THE PROBLEM:
Tell me how many lines in the entries below contain the word "import"; reply with the number and nothing else.
+ + + +
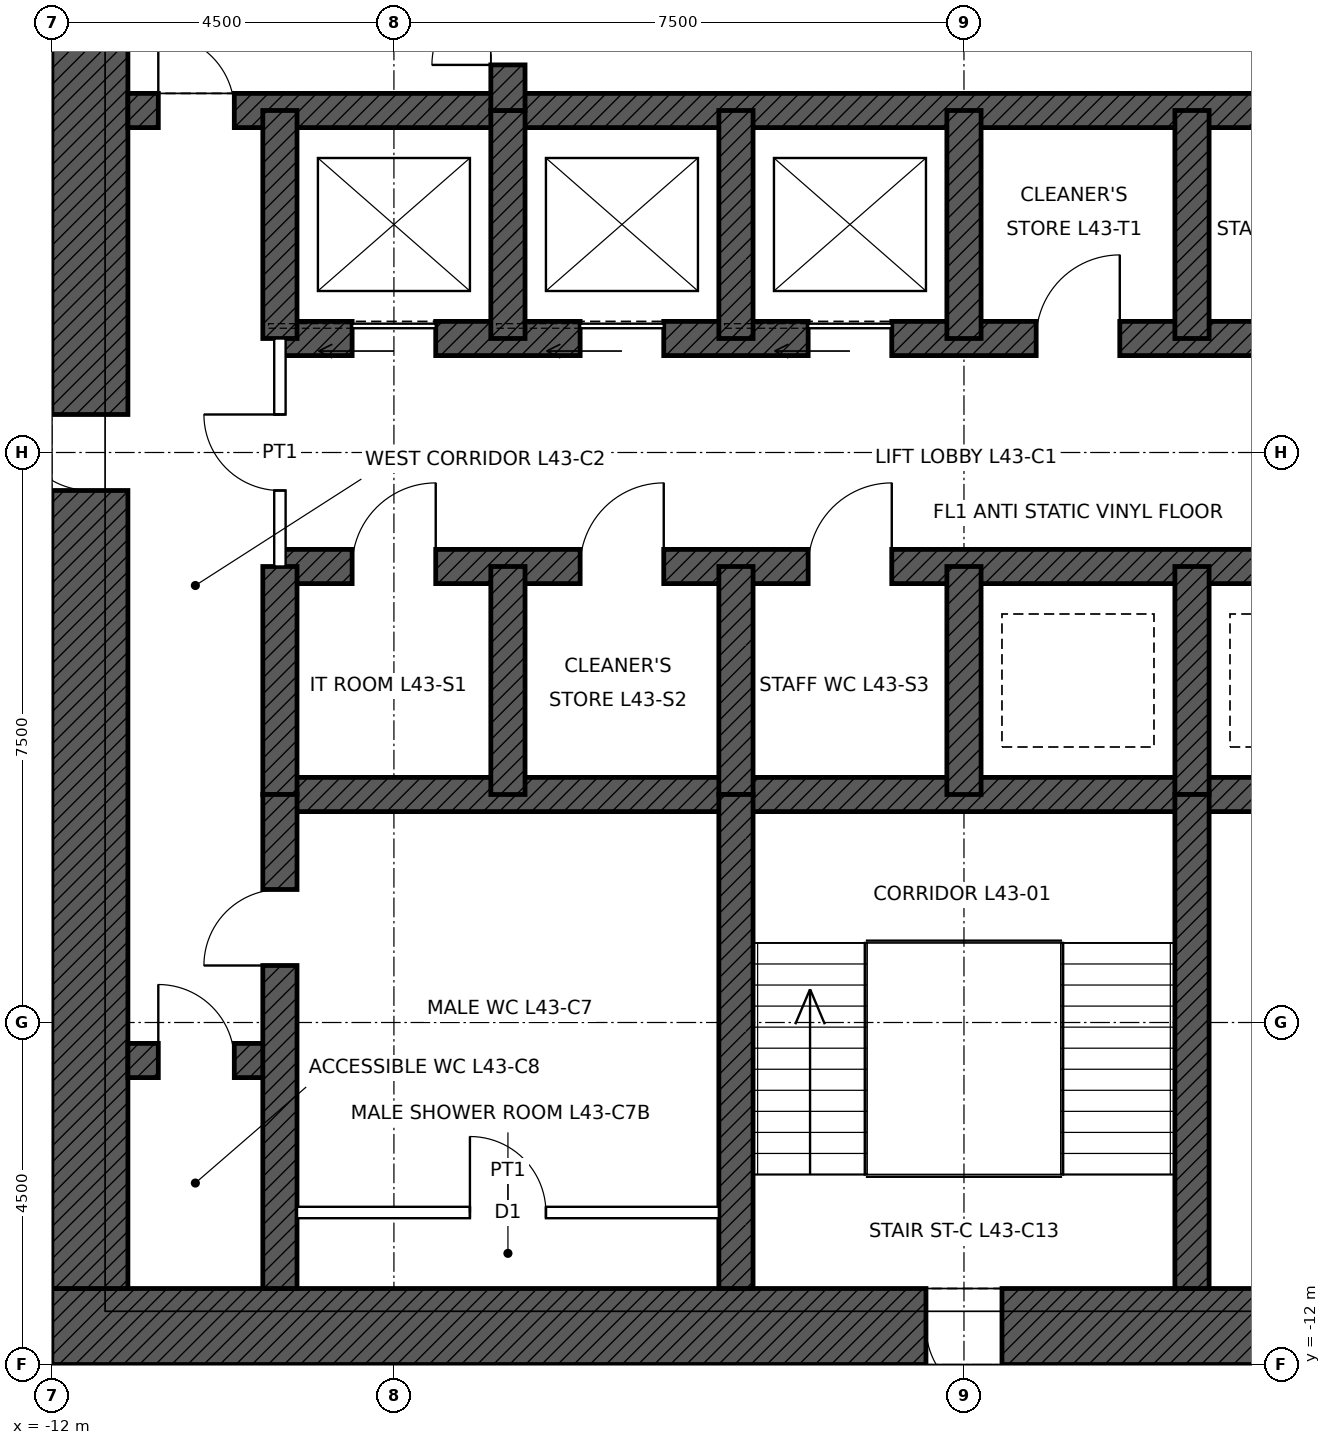
"""IFC4 building model, lengths in metres.
Left out: names, types, materials, properties, quantities, classifications, styles, units other than length and angle.
Written with IfcOpenShell. Run it as: python <this file> out.ifc"""

import sys

from ifc_helpers import new_model, si_unit, direction, frame, frame_2d, origin, place, context, subcontext, project, spatial, rectangle, extrude, element, fill, save


model = new_model("IFC4")
c1 = context("Model", 3, precision=1e-05, world=origin(), true_north=direction((0.0, 1.0)))
c2 = subcontext(c1, "Body", "Model", "MODEL_VIEW")
j1 = project(units=[si_unit("LENGTHUNIT", "METRE"), si_unit("PLANEANGLEUNIT", "RADIAN")], contexts=[c1])
p1 = place(None, origin())
s1 = spatial("IfcSite", under=j1, at=p1, CompositionType="ELEMENT")
p2 = place(p1, origin())
s2 = spatial("IfcBuilding", under=s1, at=p2, CompositionType="ELEMENT")
p3 = place(p2, frame((0.0, 0.0, 205.9)))
s3 = spatial("IfcBuildingStorey", under=s2, at=p3, CompositionType="ELEMENT", Elevation=205.9)
p4 = place(p3, frame((12.0, -11.5, 0.0), z_axis=(0.0, 0.0, 1.0), x_axis=(-1.0, 0.0, 0.0)))
e1 = element("IfcWall", 1, at=p4, inside=s3, PredefinedType="SHEAR", context=c2, shape_type="SweptSolid", body=[
    extrude(rectangle(XDim=24.0, YDim=1.0, at=frame_2d((12.0, 0.0))), origin(), (0.0, 0.0, 1.0), 4.0),
])
p5 = place(p4, frame((11.5, 0.0, 0.0)))
e2 = element("IfcOpeningElement", 2, at=p5, cuts=e1, PredefinedType="OPENING", context=c2, shape_type="SweptSolid", body=[
    extrude(rectangle(XDim=1.0, YDim=2.1, at=frame_2d((0.5, 1.05))), frame((0.0, 0.51, 0.0), z_axis=(0.0, -1.0, 0.0), x_axis=(1.0, 0.0, 0.0)), (0.0, 0.0, 1.0), 1.02),
])
p6 = place(p4, frame((1.0, 0.0, 0.0)))
e3 = element("IfcOpeningElement", 3, at=p6, cuts=e1, PredefinedType="OPENING", context=c2, shape_type="SweptSolid", body=[
    extrude(rectangle(XDim=1.0, YDim=2.4, at=frame_2d((0.5, 1.2))), frame((0.0, 0.51, 0.0), z_axis=(0.0, -1.0, 0.0), x_axis=(1.0, 0.0, 0.0)), (0.0, 0.0, 1.0), 1.02),
])
p7 = place(p3, frame((-11.5, -11.0, 0.0), z_axis=(0.0, 0.0, 1.0), x_axis=(0.0, 1.0, 0.0)))
e4 = element("IfcWall", 4, at=p7, inside=s3, PredefinedType="SHEAR", context=c2, shape_type="SweptSolid", body=[
    extrude(rectangle(XDim=22.0, YDim=1.0, at=frame_2d((11.0, 0.0))), origin(), (0.0, 0.0, 1.0), 4.0),
])
p8 = place(p7, frame((10.5, 0.0, 0.0)))
e5 = element("IfcOpeningElement", 5, at=p8, cuts=e4, PredefinedType="OPENING", context=c2, shape_type="SweptSolid", body=[
    extrude(rectangle(XDim=1.0, YDim=2.4, at=frame_2d((0.5, 1.2))), frame((0.0, 0.51, 0.0), z_axis=(0.0, -1.0, 0.0), x_axis=(1.0, 0.0, 0.0)), (0.0, 0.0, 1.0), 1.02),
])
p9 = place(p3, frame((-11.0, 4.5, 0.0), z_axis=(0.0, 0.0, 1.0), x_axis=(1.0, 0.0, 0.0)))
e6 = element("IfcWall", 6, at=p9, inside=s3, PredefinedType="SHEAR", context=c2, shape_type="SweptSolid", body=[
    extrude(rectangle(XDim=22.0, YDim=0.45, at=frame_2d((11.0, 0.0))), origin(), (0.0, 0.0, 1.0), 4.0),
])
p10 = place(p9, frame((0.4, 0.0, 0.0)))
e7 = element("IfcOpeningElement", 7, at=p10, cuts=e6, PredefinedType="OPENING", context=c2, shape_type="SweptSolid", body=[
    extrude(rectangle(XDim=1.0, YDim=2.1, at=frame_2d((0.5, 1.05))), frame((0.0, 0.235, 0.0), z_axis=(0.0, -1.0, 0.0), x_axis=(1.0, 0.0, 0.0)), (0.0, 0.0, 1.0), 0.47),
])
p11 = place(p9, frame((20.6, 0.0, 0.0)))
e8 = element("IfcOpeningElement", 8, at=p11, cuts=e6, PredefinedType="OPENING", context=c2, shape_type="SweptSolid", body=[
    extrude(rectangle(XDim=1.0, YDim=2.1, at=frame_2d((0.5, 1.05))), frame((0.0, 0.235, 0.0), z_axis=(0.0, -1.0, 0.0), x_axis=(1.0, 0.0, 0.0)), (0.0, 0.0, 1.0), 0.47),
])
p12 = place(p3, frame((-9.0, 1.5, 0.0), z_axis=(0.0, 0.0, 1.0), x_axis=(1.0, 0.0, 0.0)))
e9 = element("IfcWall", 9, at=p12, inside=s3, PredefinedType="SHEAR", context=c2, shape_type="SweptSolid", body=[
    extrude(rectangle(XDim=18.0, YDim=0.45, at=frame_2d((9.0, 0.0))), origin(), (0.0, 0.0, 1.0), 4.0),
])
p13 = place(p12, frame((0.95, 0.0, 0.0)))
e10 = element("IfcOpeningElement", 10, at=p13, cuts=e9, PredefinedType="OPENING", context=c2, shape_type="SweptSolid", body=[
    extrude(rectangle(XDim=1.1, YDim=2.1, at=frame_2d((0.55, 1.05))), frame((0.0, 0.235, 0.0), z_axis=(0.0, -1.0, 0.0), x_axis=(1.0, 0.0, 0.0)), (0.0, 0.0, 1.0), 0.47),
])
p14 = place(p12, frame((3.95, 0.0, 0.0)))
e11 = element("IfcOpeningElement", 11, at=p14, cuts=e9, PredefinedType="OPENING", context=c2, shape_type="SweptSolid", body=[
    extrude(rectangle(XDim=1.1, YDim=2.1, at=frame_2d((0.55, 1.05))), frame((0.0, 0.235, 0.0), z_axis=(0.0, -1.0, 0.0), x_axis=(1.0, 0.0, 0.0)), (0.0, 0.0, 1.0), 0.47),
])
p15 = place(p12, frame((6.95, 0.0, 0.0)))
e12 = element("IfcOpeningElement", 12, at=p15, cuts=e9, PredefinedType="OPENING", context=c2, shape_type="SweptSolid", body=[
    extrude(rectangle(XDim=1.1, YDim=2.1, at=frame_2d((0.55, 1.05))), frame((0.0, 0.235, 0.0), z_axis=(0.0, -1.0, 0.0), x_axis=(1.0, 0.0, 0.0)), (0.0, 0.0, 1.0), 0.47),
])
p16 = place(p12, frame((9.95, 0.0, 0.0)))
e13 = element("IfcOpeningElement", 13, at=p16, cuts=e9, PredefinedType="OPENING", context=c2, shape_type="SweptSolid", body=[
    extrude(rectangle(XDim=1.1, YDim=2.1, at=frame_2d((0.55, 1.05))), frame((0.0, 0.235, 0.0), z_axis=(0.0, -1.0, 0.0), x_axis=(1.0, 0.0, 0.0)), (0.0, 0.0, 1.0), 0.47),
])
p17 = place(p12, frame((12.95, 0.0, 0.0)))
e14 = element("IfcOpeningElement", 14, at=p17, cuts=e9, PredefinedType="OPENING", context=c2, shape_type="SweptSolid", body=[
    extrude(rectangle(XDim=1.1, YDim=2.1, at=frame_2d((0.55, 1.05))), frame((0.0, 0.235, 0.0), z_axis=(0.0, -1.0, 0.0), x_axis=(1.0, 0.0, 0.0)), (0.0, 0.0, 1.0), 0.47),
])
p18 = place(p12, frame((15.95, 0.0, 0.0)))
e15 = element("IfcOpeningElement", 15, at=p18, cuts=e9, PredefinedType="OPENING", context=c2, shape_type="SweptSolid", body=[
    extrude(rectangle(XDim=1.1, YDim=2.1, at=frame_2d((0.55, 1.05))), frame((0.0, 0.235, 0.0), z_axis=(0.0, -1.0, 0.0), x_axis=(1.0, 0.0, 0.0)), (0.0, 0.0, 1.0), 0.47),
])
p19 = place(p3, frame((-9.0, -1.5, 0.0), z_axis=(0.0, 0.0, 1.0), x_axis=(1.0, 0.0, 0.0)))
e16 = element("IfcWall", 16, at=p19, inside=s3, PredefinedType="SHEAR", context=c2, shape_type="SweptSolid", body=[
    extrude(rectangle(XDim=18.0, YDim=0.45, at=frame_2d((9.0, 0.0))), origin(), (0.0, 0.0, 1.0), 4.0),
])
p20 = place(p19, frame((0.95, 0.0, 0.0)))
e17 = element("IfcOpeningElement", 17, at=p20, cuts=e16, PredefinedType="OPENING", context=c2, shape_type="SweptSolid", body=[
    extrude(rectangle(XDim=1.1, YDim=2.1, at=frame_2d((0.55, 1.05))), frame((0.0, 0.235, 0.0), z_axis=(0.0, -1.0, 0.0), x_axis=(1.0, 0.0, 0.0)), (0.0, 0.0, 1.0), 0.47),
])
p21 = place(p19, frame((3.95, 0.0, 0.0)))
e18 = element("IfcOpeningElement", 18, at=p21, cuts=e16, PredefinedType="OPENING", context=c2, shape_type="SweptSolid", body=[
    extrude(rectangle(XDim=1.1, YDim=2.1, at=frame_2d((0.55, 1.05))), frame((0.0, 0.235, 0.0), z_axis=(0.0, -1.0, 0.0), x_axis=(1.0, 0.0, 0.0)), (0.0, 0.0, 1.0), 0.47),
])
p22 = place(p19, frame((6.95, 0.0, 0.0)))
e19 = element("IfcOpeningElement", 19, at=p22, cuts=e16, PredefinedType="OPENING", context=c2, shape_type="SweptSolid", body=[
    extrude(rectangle(XDim=1.1, YDim=2.1, at=frame_2d((0.55, 1.05))), frame((0.0, 0.235, 0.0), z_axis=(0.0, -1.0, 0.0), x_axis=(1.0, 0.0, 0.0)), (0.0, 0.0, 1.0), 0.47),
])
p23 = place(p3, frame((-9.0, -4.5, 0.0), z_axis=(0.0, 0.0, 1.0), x_axis=(1.0, 0.0, 0.0)))
e20 = element("IfcWall", 20, at=p23, inside=s3, PredefinedType="SHEAR", context=c2, shape_type="SweptSolid", body=[
    extrude(rectangle(XDim=18.0, YDim=0.45, at=frame_2d((9.0, 0.0))), origin(), (0.0, 0.0, 1.0), 4.0),
])
p24 = place(p3, frame((-11.0, -8.0, 0.0), z_axis=(0.0, 0.0, 1.0), x_axis=(1.0, 0.0, 0.0)))
e21 = element("IfcWall", 21, at=p24, inside=s3, PredefinedType="SHEAR", context=c2, shape_type="SweptSolid", body=[
    extrude(rectangle(XDim=2.0, YDim=0.45, at=frame_2d((1.0, 0.0))), origin(), (0.0, 0.0, 1.0), 4.0),
])
p25 = place(p24, frame((0.4, 0.0, 0.0)))
e22 = element("IfcOpeningElement", 22, at=p25, cuts=e21, PredefinedType="OPENING", context=c2, shape_type="SweptSolid", body=[
    extrude(rectangle(XDim=1.0, YDim=2.1, at=frame_2d((0.5, 1.05))), frame((0.0, 0.235, 0.0), z_axis=(0.0, -1.0, 0.0), x_axis=(1.0, 0.0, 0.0)), (0.0, 0.0, 1.0), 0.47),
])
for number, where, z_axis, x_axis in (
    (23, (-9.0, 1.5, 0.0), (0.0, 0.0, 1.0), (0.0, 1.0, 0.0)),
    (24, (-9.0, -4.5, 0.0), (0.0, 0.0, 1.0), (0.0, 1.0, 0.0)),
    (25, (-6.0, 1.5, 0.0), (0.0, 0.0, 1.0), (0.0, 1.0, 0.0)),
    (26, (-3.0, 1.5, 0.0), (0.0, 0.0, 1.0), (0.0, 1.0, 0.0)),
    (27, (0.0, 1.5, 0.0), (0.0, 0.0, 1.0), (0.0, 1.0, 0.0)),
    (28, (3.0, 1.5, 0.0), (0.0, 0.0, 1.0), (0.0, 1.0, 0.0)),
    (29, (-6.0, -4.5, 0.0), (0.0, 0.0, 1.0), (0.0, 1.0, 0.0)),
    (30, (-3.0, -4.5, 0.0), (0.0, 0.0, 1.0), (0.0, 1.0, 0.0)),
    (31, (0.0, -4.5, 0.0), (0.0, 0.0, 1.0), (0.0, 1.0, 0.0)),
    (32, (3.0, -4.5, 0.0), (0.0, 0.0, 1.0), (0.0, 1.0, 0.0)),
):
    element("IfcWall", number, at=place(p3, frame(where, z_axis=z_axis, x_axis=x_axis)), inside=s3, PredefinedType="SHEAR", context=c2, shape_type="SweptSolid", body=[
        extrude(rectangle(XDim=3.0, YDim=0.45, at=frame_2d((1.5, 0.0))), origin(), (0.0, 0.0, 1.0), 4.0),
    ])
p26 = place(p3, frame((-6.0, 4.5, 0.0), z_axis=(0.0, 0.0, 1.0), x_axis=(0.0, 1.0, 0.0)))
e33 = element("IfcWall", 33, at=p26, inside=s3, PredefinedType="SHEAR", context=c2, shape_type="SweptSolid", body=[
    extrude(rectangle(XDim=6.5, YDim=0.45, at=frame_2d((3.25, 0.0))), origin(), (0.0, 0.0, 1.0), 4.0),
])
p27 = place(p26, frame((0.6, 0.0, 0.0)))
e34 = element("IfcOpeningElement", 34, at=p27, cuts=e33, PredefinedType="OPENING", context=c2, shape_type="SweptSolid", body=[
    extrude(rectangle(XDim=1.0, YDim=2.1, at=frame_2d((0.5, 1.05))), frame((0.0, 0.235, 0.0), z_axis=(0.0, -1.0, 0.0), x_axis=(1.0, 0.0, 0.0)), (0.0, 0.0, 1.0), 0.47),
])
p28 = place(p3, frame((-9.0, -11.0, 0.0), z_axis=(0.0, 0.0, 1.0), x_axis=(0.0, 1.0, 0.0)))
e35 = element("IfcWall", 35, at=p28, inside=s3, PredefinedType="SHEAR", context=c2, shape_type="SweptSolid", body=[
    extrude(rectangle(XDim=6.5, YDim=0.45, at=frame_2d((3.25, 0.0))), origin(), (0.0, 0.0, 1.0), 4.0),
])
p29 = place(p28, frame((4.25, 0.0, 0.0)))
e36 = element("IfcOpeningElement", 36, at=p29, cuts=e35, PredefinedType="OPENING", context=c2, shape_type="SweptSolid", body=[
    extrude(rectangle(XDim=1.0, YDim=2.1, at=frame_2d((0.5, 1.05))), frame((0.0, 0.235, 0.0), z_axis=(0.0, -1.0, 0.0), x_axis=(1.0, 0.0, 0.0)), (0.0, 0.0, 1.0), 0.47),
])
for number, where, z_axis, x_axis in (
    (37, (-3.0, -11.0, 0.0), (0.0, 0.0, 1.0), (0.0, 1.0, 0.0)),
    (38, (3.0, -11.0, 0.0), (0.0, 0.0, 1.0), (0.0, 1.0, 0.0)),
):
    element("IfcWall", number, at=place(p3, frame(where, z_axis=z_axis, x_axis=x_axis)), inside=s3, PredefinedType="SHEAR", context=c2, shape_type="SweptSolid", body=[
        extrude(rectangle(XDim=6.5, YDim=0.45, at=frame_2d((3.25, 0.0))), origin(), (0.0, 0.0, 1.0), 4.0),
    ])
p30 = place(p3, frame((-8.775, -10.0, 0.0), z_axis=(0.0, 0.0, 1.0), x_axis=(1.0, 0.0, 0.0)))
e39 = element("IfcWall", 39, at=p30, inside=s3, PredefinedType="PARTITIONING", context=c2, shape_type="SweptSolid", body=[
    extrude(rectangle(XDim=5.55, YDim=0.15, at=frame_2d((2.775, 0.0))), origin(), (0.0, 0.0, 1.0), 3.75),
])
p31 = place(p30, frame((2.275, 0.0, 0.0)))
e40 = element("IfcOpeningElement", 40, at=p31, cuts=e39, PredefinedType="OPENING", context=c2, shape_type="SweptSolid", body=[
    extrude(rectangle(XDim=1.0, YDim=2.1, at=frame_2d((0.5, 1.05))), frame((0.0, 0.085, 0.0), z_axis=(0.0, -1.0, 0.0), x_axis=(1.0, 0.0, 0.0)), (0.0, 0.0, 1.0), 0.17),
])
p32 = place(p3, frame((-9.0, -1.5, 0.0), z_axis=(0.0, 0.0, 1.0), x_axis=(0.0, 1.0, 0.0)))
e41 = element("IfcWall", 41, at=p32, inside=s3, PredefinedType="PARTITIONING", context=c2, shape_type="SweptSolid", body=[
    extrude(rectangle(XDim=3.0, YDim=0.15, at=frame_2d((1.5, 0.0))), origin(), (0.0, 0.0, 1.0), 3.75),
])
p33 = place(p32, frame((1.0, 0.0, 0.0)))
e42 = element("IfcOpeningElement", 42, at=p33, cuts=e41, PredefinedType="OPENING", context=c2, shape_type="SweptSolid", body=[
    extrude(rectangle(XDim=1.0, YDim=2.4, at=frame_2d((0.5, 1.2))), frame((0.0, 0.085, 0.0), z_axis=(0.0, -1.0, 0.0), x_axis=(1.0, 0.0, 0.0)), (0.0, 0.0, 1.0), 0.17),
])
p34 = place(p10, origin())
e43 = element("IfcDoor", 43, at=p34, inside=s3, OperationType="SINGLE_SWING_LEFT", PredefinedType="DOOR", context=c2, shape_type="SweptSolid", body=[
    extrude(rectangle(XDim=1.0, YDim=2.1, at=frame_2d((0.5, 1.05))), frame((0.0, 0.025, 0.0), z_axis=(0.0, -1.0, 0.0), x_axis=(1.0, 0.0, 0.0)), (0.0, 0.0, 1.0), 0.05),
])
fill(e7, e43)
p35 = place(p27, origin())
e44 = element("IfcDoor", 44, at=p35, inside=s3, OperationType="SINGLE_SWING_LEFT", PredefinedType="DOOR", context=c2, shape_type="SweptSolid", body=[
    extrude(rectangle(XDim=1.0, YDim=2.1, at=frame_2d((0.5, 1.05))), frame((0.0, 0.025, 0.0), z_axis=(0.0, -1.0, 0.0), x_axis=(1.0, 0.0, 0.0)), (0.0, 0.0, 1.0), 0.05),
])
fill(e34, e44)
p36 = place(p5, origin())
e45 = element("IfcDoor", 45, at=p36, inside=s3, OperationType="SINGLE_SWING_LEFT", PredefinedType="DOOR", context=c2, shape_type="SweptSolid", body=[
    extrude(rectangle(XDim=1.0, YDim=2.1, at=frame_2d((0.5, 1.05))), frame((0.0, 0.485, 0.0), z_axis=(0.0, -1.0, 0.0), x_axis=(1.0, 0.0, 0.0)), (0.0, 0.0, 1.0), 0.05),
])
fill(e2, e45)
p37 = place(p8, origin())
+ + + +
SOLUTION TO THIS EXERCISE:
2